• **EXTRACTED ENTRIES**:
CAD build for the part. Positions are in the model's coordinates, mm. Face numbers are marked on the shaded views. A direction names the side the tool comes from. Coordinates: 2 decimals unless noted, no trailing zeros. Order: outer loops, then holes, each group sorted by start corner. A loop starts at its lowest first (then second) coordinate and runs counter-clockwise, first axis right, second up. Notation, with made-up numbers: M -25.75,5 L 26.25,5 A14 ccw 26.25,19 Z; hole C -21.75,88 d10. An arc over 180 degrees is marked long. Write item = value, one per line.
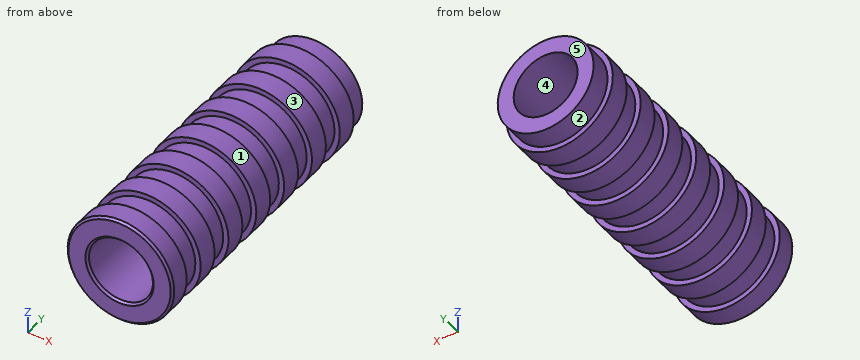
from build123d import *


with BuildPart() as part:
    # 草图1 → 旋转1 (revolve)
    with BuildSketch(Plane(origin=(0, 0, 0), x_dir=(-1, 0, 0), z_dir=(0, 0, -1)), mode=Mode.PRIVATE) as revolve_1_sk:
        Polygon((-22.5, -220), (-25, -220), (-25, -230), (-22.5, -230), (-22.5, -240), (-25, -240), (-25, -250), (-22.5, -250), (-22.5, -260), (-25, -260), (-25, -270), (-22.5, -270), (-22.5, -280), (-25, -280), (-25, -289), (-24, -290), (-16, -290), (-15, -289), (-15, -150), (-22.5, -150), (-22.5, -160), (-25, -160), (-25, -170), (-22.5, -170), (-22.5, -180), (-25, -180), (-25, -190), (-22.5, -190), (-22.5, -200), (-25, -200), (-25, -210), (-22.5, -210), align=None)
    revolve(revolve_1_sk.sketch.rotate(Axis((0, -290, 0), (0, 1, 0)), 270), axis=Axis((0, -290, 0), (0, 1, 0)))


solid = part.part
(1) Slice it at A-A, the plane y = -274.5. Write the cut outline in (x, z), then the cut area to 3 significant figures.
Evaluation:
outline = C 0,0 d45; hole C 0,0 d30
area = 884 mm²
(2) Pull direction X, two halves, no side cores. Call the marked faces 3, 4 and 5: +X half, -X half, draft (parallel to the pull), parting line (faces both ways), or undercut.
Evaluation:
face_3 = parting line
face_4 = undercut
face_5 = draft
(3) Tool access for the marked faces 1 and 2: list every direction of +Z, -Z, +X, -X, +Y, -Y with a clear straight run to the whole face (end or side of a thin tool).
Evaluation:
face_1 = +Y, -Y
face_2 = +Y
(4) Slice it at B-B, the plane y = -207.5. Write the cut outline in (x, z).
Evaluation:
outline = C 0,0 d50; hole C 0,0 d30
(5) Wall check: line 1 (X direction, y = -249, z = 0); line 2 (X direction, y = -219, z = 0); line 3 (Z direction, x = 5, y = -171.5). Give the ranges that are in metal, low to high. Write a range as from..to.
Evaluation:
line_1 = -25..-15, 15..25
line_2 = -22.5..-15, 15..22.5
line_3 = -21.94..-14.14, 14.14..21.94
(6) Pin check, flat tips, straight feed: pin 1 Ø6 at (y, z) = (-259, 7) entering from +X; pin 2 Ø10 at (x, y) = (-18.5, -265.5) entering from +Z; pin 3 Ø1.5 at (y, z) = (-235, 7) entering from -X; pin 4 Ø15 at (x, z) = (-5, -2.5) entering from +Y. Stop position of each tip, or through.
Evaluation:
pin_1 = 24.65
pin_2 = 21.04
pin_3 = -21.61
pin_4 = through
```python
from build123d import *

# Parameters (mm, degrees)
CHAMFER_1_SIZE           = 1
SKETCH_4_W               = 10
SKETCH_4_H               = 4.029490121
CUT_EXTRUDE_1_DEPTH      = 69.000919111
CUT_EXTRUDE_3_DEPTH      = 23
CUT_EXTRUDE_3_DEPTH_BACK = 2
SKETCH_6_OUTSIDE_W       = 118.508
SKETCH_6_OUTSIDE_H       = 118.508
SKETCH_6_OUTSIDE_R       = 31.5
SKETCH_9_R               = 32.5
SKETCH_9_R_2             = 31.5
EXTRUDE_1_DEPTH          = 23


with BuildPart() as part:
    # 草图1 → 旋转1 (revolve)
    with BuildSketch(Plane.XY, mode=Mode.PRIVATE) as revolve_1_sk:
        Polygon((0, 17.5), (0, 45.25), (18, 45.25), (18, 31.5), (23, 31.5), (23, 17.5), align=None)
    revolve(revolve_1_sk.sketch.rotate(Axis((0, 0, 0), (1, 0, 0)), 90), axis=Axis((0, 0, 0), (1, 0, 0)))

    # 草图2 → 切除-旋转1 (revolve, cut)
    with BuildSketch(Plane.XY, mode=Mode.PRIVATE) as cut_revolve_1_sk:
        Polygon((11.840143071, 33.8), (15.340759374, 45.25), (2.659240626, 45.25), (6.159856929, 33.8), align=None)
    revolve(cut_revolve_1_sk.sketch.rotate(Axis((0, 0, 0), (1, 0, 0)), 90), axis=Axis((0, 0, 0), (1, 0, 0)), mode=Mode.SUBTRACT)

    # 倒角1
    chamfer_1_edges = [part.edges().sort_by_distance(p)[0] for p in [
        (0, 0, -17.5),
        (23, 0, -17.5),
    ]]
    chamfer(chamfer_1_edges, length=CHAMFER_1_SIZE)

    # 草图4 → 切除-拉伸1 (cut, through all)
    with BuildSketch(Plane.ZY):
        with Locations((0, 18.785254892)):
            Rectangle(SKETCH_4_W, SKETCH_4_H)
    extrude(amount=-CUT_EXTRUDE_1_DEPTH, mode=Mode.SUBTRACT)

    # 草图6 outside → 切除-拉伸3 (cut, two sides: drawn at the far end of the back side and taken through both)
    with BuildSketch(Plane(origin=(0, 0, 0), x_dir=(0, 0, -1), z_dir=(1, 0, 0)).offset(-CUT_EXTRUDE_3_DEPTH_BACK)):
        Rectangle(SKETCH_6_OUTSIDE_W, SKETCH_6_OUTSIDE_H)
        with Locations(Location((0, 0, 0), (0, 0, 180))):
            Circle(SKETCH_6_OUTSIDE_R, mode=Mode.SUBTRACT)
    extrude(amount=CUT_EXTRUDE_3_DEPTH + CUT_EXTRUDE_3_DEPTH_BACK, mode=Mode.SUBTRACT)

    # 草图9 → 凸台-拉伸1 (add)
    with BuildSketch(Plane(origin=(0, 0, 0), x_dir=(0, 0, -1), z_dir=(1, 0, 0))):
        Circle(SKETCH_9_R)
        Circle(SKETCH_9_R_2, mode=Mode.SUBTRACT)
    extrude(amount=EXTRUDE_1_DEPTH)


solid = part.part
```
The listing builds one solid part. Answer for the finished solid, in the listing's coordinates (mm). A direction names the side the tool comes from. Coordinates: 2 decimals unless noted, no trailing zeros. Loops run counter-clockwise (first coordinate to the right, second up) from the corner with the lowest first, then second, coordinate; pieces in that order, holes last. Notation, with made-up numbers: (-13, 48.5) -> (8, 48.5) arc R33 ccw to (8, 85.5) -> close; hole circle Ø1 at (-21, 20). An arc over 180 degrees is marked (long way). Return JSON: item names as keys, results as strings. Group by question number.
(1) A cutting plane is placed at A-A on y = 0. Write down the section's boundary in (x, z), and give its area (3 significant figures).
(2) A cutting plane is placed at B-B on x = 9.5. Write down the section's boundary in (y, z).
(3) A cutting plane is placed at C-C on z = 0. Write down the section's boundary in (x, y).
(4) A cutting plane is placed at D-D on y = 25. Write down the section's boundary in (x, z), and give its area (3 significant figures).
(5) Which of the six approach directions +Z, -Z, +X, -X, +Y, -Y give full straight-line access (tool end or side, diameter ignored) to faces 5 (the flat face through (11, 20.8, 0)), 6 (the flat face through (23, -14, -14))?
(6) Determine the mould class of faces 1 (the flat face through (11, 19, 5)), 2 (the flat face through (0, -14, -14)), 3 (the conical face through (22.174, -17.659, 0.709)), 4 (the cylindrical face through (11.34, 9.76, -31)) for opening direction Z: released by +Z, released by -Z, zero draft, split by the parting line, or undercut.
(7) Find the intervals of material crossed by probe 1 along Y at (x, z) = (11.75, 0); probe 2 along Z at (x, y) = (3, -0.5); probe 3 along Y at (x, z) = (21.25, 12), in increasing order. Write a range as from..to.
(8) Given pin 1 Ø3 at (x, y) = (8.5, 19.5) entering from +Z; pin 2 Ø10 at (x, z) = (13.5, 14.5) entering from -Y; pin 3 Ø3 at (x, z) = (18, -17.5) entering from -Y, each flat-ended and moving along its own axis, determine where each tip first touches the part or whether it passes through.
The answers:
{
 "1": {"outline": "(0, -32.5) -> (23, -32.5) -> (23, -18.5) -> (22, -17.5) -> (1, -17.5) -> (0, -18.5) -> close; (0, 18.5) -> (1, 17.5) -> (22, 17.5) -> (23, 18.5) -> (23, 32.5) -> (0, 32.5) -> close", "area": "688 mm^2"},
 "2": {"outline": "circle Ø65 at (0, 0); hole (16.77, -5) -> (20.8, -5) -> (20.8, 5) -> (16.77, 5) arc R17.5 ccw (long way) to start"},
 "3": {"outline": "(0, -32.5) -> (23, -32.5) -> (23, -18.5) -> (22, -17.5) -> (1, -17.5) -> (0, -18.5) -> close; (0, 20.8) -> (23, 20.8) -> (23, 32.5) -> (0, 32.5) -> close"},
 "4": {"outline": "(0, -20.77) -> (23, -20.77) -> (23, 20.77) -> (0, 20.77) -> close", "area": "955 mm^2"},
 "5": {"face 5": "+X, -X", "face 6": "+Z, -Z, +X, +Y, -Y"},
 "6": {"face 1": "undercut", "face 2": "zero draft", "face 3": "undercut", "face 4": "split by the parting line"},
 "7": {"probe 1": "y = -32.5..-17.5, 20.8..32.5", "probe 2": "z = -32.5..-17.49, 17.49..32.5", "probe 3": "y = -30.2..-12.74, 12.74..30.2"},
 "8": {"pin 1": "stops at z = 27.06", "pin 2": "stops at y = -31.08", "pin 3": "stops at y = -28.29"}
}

• **ACTIVITY**:
Pick out each line above that includes "PRIVATE" and show it.

• **FINISHED TASK**:
    with BuildSketch(Plane(origin=(0, 0, 0), x_dir=(-1, 0, 0), z_dir=(0, 0, -1)), mode=Mode.PRIVATE) as revolve_1_sk:
    with BuildSketch(Plane.XY, mode=Mode.PRIVATE) as revolve_1_sk:
    with BuildSketch(Plane.XY, mode=Mode.PRIVATE) as cut_revolve_1_sk:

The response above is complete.